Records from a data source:

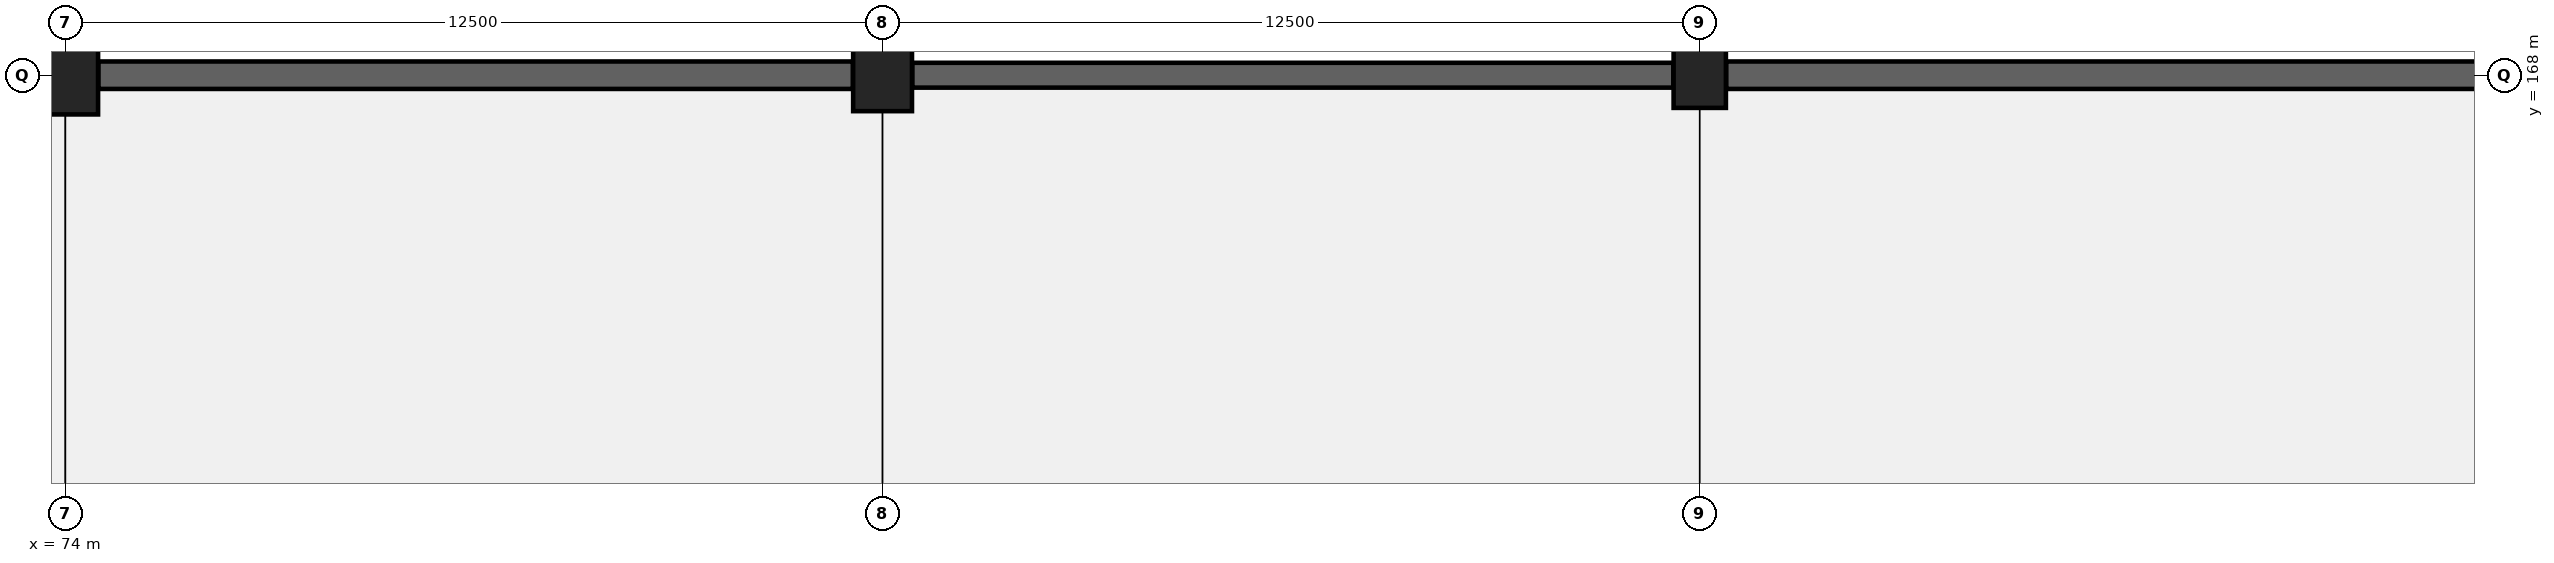
"""IFC4 building model, lengths in metres.
Left out: names, types, materials, properties, quantities, classifications, styles, units other than length and angle.
Written with IfcOpenShell. Run it as: python <this file> out.ifc"""

import sys

from ifc_helpers import new_model, si_unit, direction, frame, frame_2d, origin, origin_2d, place, context, subcontext, project, spatial, rectangle, extrude, element, save


model = new_model("IFC4")
c1 = context("Model", 3, precision=1e-05, world=origin(), true_north=direction((0.0, 1.0)))
c2 = subcontext(c1, "Body", "Model", "MODEL_VIEW")
j1 = project(units=[si_unit("LENGTHUNIT", "METRE"), si_unit("PLANEANGLEUNIT", "RADIAN")], contexts=[c1])
p1 = place(None, origin())
s1 = spatial("IfcSite", under=j1, at=p1, CompositionType="ELEMENT")
p2 = place(p1, origin())
s2 = spatial("IfcBuilding", under=s1, at=p2, CompositionType="ELEMENT")
p3 = place(p2, frame((0.0, 0.0, -4.8)))
s3 = spatial("IfcBuildingStorey", under=s2, at=p3, CompositionType="ELEMENT", Elevation=-4.8)
p4 = place(p3, frame((74.0, 168.0, 0.0), z_axis=(0.0, 0.0, 1.0), x_axis=(1.0, 0.0, 0.0)))
e1 = element("IfcColumn", 1, at=p4, inside=s3, PredefinedType="COLUMN", context=c2, shape_type="SweptSolid", body=[
    extrude(rectangle(XDim=1.0, YDim=1.2, at=origin_2d()), origin(), (0.0, 0.0, 1.0), 4.8),
])
p5 = place(p3, frame((86.5, 168.0, 0.0), z_axis=(0.0, 0.0, 1.0), x_axis=(1.0, 0.0, 0.0)))
e2 = element("IfcColumn", 2, at=p5, inside=s3, PredefinedType="COLUMN", context=c2, shape_type="SweptSolid", body=[
    extrude(rectangle(XDim=0.9, YDim=1.1, at=origin_2d()), origin(), (0.0, 0.0, 1.0), 4.8),
])
p6 = place(p3, frame((99.0, 168.0, 0.0), z_axis=(0.0, 0.0, 1.0), x_axis=(1.0, 0.0, 0.0)))
e3 = element("IfcColumn", 3, at=p6, inside=s3, PredefinedType="COLUMN", context=c2, shape_type="SweptSolid", body=[
    extrude(rectangle(XDim=0.8, YDim=1.0, at=origin_2d()), origin(), (0.0, 0.0, 1.0), 4.8),
])
p7 = place(p3, frame((74.504, 168.0, 0.0), z_axis=(0.0, 0.0, 1.0), x_axis=(1.0, 0.0, 0.0)))
e4 = element("IfcWall", 4, at=p7, inside=s3, PredefinedType="STANDARD", context=c2, shape_type="SweptSolid", body=[
    extrude(rectangle(XDim=11.542, YDim=0.42, at=frame_2d((5.771, 0.0))), origin(), (0.0, 0.0, 1.0), 4.46),
])
p8 = place(p3, frame((86.954, 168.0, 0.0), z_axis=(0.0, 0.0, 1.0), x_axis=(1.0, 0.0, 0.0)))
e5 = element("IfcWall", 5, at=p8, inside=s3, PredefinedType="STANDARD", context=c2, shape_type="SweptSolid", body=[
    extrude(rectangle(XDim=11.642, YDim=0.38, at=frame_2d((5.821, 0.0))), origin(), (0.0, 0.0, 1.0), 4.46),
])
p9 = place(p3, frame((99.404, 168.0, 0.0), z_axis=(0.0, 0.0, 1.0), x_axis=(1.0, 0.0, 0.0)))
e6 = element("IfcWall", 6, at=p9, inside=s3, PredefinedType="STANDARD", context=c2, shape_type="SweptSolid", body=[
    extrude(rectangle(XDim=12.167, YDim=0.42, at=frame_2d((6.083, 0.0))), origin(), (0.0, 0.0, 1.0), 4.46),
])
save(model, sys.argv[1])

PROBLEM STATEMENT: Repeat the entries above exactly and skip the images.

THE ANSWER:
"""IFC4 building model, lengths in metres.
Left out: names, types, materials, properties, quantities, classifications, styles, units other than length and angle.
Written with IfcOpenShell. Run it as: python <this file> out.ifc"""

import sys

from ifc_helpers import new_model, si_unit, direction, frame, frame_2d, origin, origin_2d, place, context, subcontext, project, spatial, rectangle, extrude, element, save


model = new_model("IFC4")
c1 = context("Model", 3, precision=1e-05, world=origin(), true_north=direction((0.0, 1.0)))
c2 = subcontext(c1, "Body", "Model", "MODEL_VIEW")
j1 = project(units=[si_unit("LENGTHUNIT", "METRE"), si_unit("PLANEANGLEUNIT", "RADIAN")], contexts=[c1])
p1 = place(None, origin())
s1 = spatial("IfcSite", under=j1, at=p1, CompositionType="ELEMENT")
p2 = place(p1, origin())
s2 = spatial("IfcBuilding", under=s1, at=p2, CompositionType="ELEMENT")
p3 = place(p2, frame((0.0, 0.0, -4.8)))
s3 = spatial("IfcBuildingStorey", under=s2, at=p3, CompositionType="ELEMENT", Elevation=-4.8)
p4 = place(p3, frame((74.0, 168.0, 0.0), z_axis=(0.0, 0.0, 1.0), x_axis=(1.0, 0.0, 0.0)))
e1 = element("IfcColumn", 1, at=p4, inside=s3, PredefinedType="COLUMN", context=c2, shape_type="SweptSolid", body=[
    extrude(rectangle(XDim=1.0, YDim=1.2, at=origin_2d()), origin(), (0.0, 0.0, 1.0), 4.8),
])
p5 = place(p3, frame((86.5, 168.0, 0.0), z_axis=(0.0, 0.0, 1.0), x_axis=(1.0, 0.0, 0.0)))
e2 = element("IfcColumn", 2, at=p5, inside=s3, PredefinedType="COLUMN", context=c2, shape_type="SweptSolid", body=[
    extrude(rectangle(XDim=0.9, YDim=1.1, at=origin_2d()), origin(), (0.0, 0.0, 1.0), 4.8),
])
p6 = place(p3, frame((99.0, 168.0, 0.0), z_axis=(0.0, 0.0, 1.0), x_axis=(1.0, 0.0, 0.0)))
e3 = element("IfcColumn", 3, at=p6, inside=s3, PredefinedType="COLUMN", context=c2, shape_type="SweptSolid", body=[
    extrude(rectangle(XDim=0.8, YDim=1.0, at=origin_2d()), origin(), (0.0, 0.0, 1.0), 4.8),
])
p7 = place(p3, frame((74.504, 168.0, 0.0), z_axis=(0.0, 0.0, 1.0), x_axis=(1.0, 0.0, 0.0)))
e4 = element("IfcWall", 4, at=p7, inside=s3, PredefinedType="STANDARD", context=c2, shape_type="SweptSolid", body=[
    extrude(rectangle(XDim=11.542, YDim=0.42, at=frame_2d((5.771, 0.0))), origin(), (0.0, 0.0, 1.0), 4.46),
])
p8 = place(p3, frame((86.954, 168.0, 0.0), z_axis=(0.0, 0.0, 1.0), x_axis=(1.0, 0.0, 0.0)))
e5 = element("IfcWall", 5, at=p8, inside=s3, PredefinedType="STANDARD", context=c2, shape_type="SweptSolid", body=[
    extrude(rectangle(XDim=11.642, YDim=0.38, at=frame_2d((5.821, 0.0))), origin(), (0.0, 0.0, 1.0), 4.46),
])
p9 = place(p3, frame((99.404, 168.0, 0.0), z_axis=(0.0, 0.0, 1.0), x_axis=(1.0, 0.0, 0.0)))
e6 = element("IfcWall", 6, at=p9, inside=s3, PredefinedType="STANDARD", context=c2, shape_type="SweptSolid", body=[
    extrude(rectangle(XDim=12.167, YDim=0.42, at=frame_2d((6.083, 0.0))), origin(), (0.0, 0.0, 1.0), 4.46),
])
save(model, sys.argv[1])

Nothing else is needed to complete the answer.